> Exercise goal:
Go over the records and copy every line with the string "OPENING".

:::

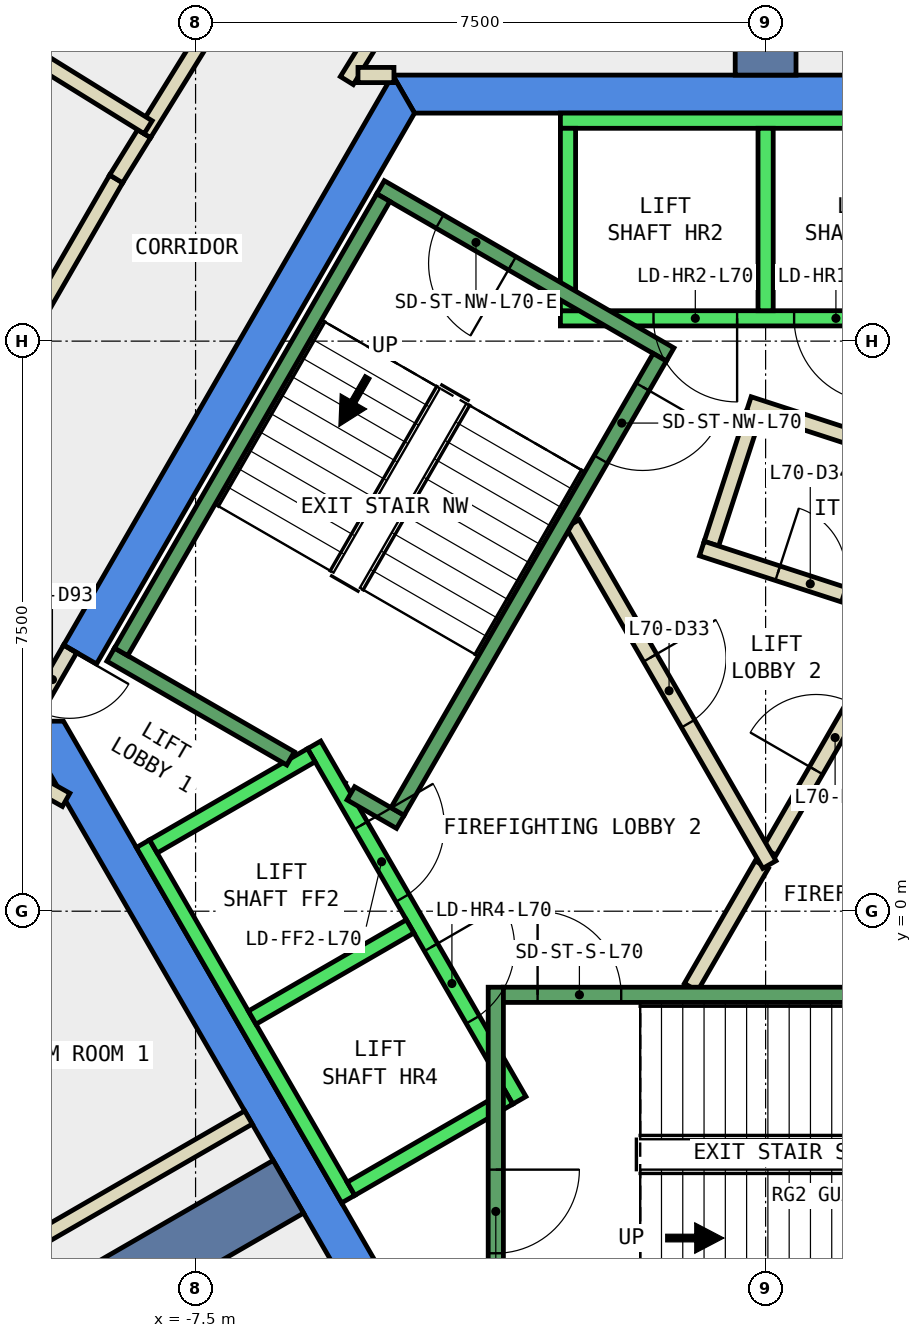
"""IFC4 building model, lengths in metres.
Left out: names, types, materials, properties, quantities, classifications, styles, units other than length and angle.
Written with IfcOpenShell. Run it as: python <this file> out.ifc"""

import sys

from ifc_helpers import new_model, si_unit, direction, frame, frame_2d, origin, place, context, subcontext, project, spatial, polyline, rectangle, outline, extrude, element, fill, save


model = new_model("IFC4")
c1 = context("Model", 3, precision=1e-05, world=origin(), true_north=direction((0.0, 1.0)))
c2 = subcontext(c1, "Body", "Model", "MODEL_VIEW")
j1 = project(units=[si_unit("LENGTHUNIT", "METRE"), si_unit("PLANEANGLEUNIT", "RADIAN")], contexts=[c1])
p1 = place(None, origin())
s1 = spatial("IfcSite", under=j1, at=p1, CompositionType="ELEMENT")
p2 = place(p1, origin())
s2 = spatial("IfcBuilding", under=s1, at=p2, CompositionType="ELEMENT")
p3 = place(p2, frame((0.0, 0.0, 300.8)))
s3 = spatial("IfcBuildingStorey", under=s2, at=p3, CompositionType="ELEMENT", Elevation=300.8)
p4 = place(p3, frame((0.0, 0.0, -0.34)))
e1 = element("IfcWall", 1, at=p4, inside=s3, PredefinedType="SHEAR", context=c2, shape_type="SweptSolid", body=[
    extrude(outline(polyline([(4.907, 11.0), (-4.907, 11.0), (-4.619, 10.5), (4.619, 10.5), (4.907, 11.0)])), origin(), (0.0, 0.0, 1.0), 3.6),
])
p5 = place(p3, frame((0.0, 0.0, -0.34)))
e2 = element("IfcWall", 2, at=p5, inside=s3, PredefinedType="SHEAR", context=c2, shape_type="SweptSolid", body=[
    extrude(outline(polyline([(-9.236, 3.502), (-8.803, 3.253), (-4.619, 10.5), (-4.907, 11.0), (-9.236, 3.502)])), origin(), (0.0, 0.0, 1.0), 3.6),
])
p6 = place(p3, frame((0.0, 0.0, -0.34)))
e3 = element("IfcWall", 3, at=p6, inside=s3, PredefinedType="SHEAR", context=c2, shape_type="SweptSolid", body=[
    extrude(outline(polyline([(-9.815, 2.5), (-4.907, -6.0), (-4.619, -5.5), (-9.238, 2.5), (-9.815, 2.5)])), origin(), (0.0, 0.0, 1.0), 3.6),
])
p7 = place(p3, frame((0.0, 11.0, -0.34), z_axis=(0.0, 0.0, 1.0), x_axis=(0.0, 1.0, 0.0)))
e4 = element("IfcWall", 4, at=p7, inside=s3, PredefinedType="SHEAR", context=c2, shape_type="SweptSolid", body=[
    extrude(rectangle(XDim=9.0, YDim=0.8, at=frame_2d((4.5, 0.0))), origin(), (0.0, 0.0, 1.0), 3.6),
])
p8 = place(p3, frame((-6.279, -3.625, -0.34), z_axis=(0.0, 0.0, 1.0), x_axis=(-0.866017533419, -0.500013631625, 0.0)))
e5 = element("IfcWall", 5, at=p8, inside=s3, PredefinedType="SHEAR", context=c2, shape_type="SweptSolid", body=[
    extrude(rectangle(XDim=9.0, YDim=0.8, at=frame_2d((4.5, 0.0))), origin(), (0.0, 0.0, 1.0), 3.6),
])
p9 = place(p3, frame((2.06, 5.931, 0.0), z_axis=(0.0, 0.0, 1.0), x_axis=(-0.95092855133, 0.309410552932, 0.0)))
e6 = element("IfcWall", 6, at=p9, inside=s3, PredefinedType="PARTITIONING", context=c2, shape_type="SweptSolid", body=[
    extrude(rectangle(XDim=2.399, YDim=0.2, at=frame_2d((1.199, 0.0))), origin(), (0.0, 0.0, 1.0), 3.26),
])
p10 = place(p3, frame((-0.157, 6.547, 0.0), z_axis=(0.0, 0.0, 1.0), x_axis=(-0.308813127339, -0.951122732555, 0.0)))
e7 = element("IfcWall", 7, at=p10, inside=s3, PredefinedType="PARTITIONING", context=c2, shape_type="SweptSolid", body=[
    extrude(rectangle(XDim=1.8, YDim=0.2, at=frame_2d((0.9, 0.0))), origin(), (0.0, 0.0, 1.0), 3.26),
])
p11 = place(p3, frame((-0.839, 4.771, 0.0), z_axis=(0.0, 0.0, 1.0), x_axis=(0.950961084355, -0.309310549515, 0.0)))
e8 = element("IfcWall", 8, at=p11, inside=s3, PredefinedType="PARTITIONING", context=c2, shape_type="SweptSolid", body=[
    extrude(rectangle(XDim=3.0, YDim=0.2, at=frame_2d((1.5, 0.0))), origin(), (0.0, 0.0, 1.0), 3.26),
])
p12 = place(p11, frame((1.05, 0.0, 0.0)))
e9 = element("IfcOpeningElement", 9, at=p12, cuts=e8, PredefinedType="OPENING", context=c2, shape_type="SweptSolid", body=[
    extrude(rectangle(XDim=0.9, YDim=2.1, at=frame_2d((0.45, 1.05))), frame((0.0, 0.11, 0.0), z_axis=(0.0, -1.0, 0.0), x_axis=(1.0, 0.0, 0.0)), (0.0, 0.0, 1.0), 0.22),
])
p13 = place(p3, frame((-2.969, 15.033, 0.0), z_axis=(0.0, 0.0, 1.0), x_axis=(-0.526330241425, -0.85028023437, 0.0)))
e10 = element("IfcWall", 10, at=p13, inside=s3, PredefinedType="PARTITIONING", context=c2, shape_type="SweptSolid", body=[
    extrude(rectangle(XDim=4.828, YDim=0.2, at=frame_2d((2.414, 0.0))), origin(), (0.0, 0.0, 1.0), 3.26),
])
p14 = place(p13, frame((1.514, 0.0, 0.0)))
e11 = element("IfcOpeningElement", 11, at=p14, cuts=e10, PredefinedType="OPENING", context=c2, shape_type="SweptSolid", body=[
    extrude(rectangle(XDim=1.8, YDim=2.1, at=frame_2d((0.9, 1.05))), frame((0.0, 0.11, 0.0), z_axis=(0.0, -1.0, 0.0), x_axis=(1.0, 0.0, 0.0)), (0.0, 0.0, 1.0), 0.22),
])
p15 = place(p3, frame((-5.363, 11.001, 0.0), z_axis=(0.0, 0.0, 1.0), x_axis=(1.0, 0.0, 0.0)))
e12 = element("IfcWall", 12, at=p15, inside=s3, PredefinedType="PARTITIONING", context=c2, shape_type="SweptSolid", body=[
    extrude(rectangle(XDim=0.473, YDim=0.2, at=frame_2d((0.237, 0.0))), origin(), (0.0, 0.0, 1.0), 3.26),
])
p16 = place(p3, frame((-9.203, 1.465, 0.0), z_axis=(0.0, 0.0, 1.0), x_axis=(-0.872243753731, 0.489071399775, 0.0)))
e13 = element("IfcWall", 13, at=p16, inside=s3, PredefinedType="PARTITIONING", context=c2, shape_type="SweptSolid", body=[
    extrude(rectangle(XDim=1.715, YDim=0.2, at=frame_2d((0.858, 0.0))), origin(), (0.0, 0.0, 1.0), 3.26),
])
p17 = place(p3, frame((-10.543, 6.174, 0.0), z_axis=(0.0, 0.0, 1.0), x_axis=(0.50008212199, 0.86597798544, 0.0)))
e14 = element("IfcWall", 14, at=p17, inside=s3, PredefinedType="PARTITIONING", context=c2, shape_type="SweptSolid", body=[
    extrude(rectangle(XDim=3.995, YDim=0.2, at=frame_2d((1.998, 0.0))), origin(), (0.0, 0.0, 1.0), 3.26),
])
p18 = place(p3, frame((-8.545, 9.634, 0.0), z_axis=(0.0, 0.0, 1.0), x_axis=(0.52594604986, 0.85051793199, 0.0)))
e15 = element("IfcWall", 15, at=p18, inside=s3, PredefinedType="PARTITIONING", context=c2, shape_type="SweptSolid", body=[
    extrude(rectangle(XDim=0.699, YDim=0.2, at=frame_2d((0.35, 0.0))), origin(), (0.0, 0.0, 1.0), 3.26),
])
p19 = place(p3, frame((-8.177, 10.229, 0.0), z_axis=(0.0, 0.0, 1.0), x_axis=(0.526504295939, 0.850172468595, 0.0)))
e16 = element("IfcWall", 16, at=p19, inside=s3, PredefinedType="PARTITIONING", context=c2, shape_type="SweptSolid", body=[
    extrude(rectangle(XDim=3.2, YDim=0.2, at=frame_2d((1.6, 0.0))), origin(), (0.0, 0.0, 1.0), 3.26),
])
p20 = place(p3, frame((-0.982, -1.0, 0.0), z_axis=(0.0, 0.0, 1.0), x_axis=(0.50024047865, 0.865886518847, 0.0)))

:::

> Finished task:
e9 = element("IfcOpeningElement", 9, at=p12, cuts=e8, PredefinedType="OPENING", context=c2, shape_type="SweptSolid", body=[
e11 = element("IfcOpeningElement", 11, at=p14, cuts=e10, PredefinedType="OPENING", context=c2, shape_type="SweptSolid", body=[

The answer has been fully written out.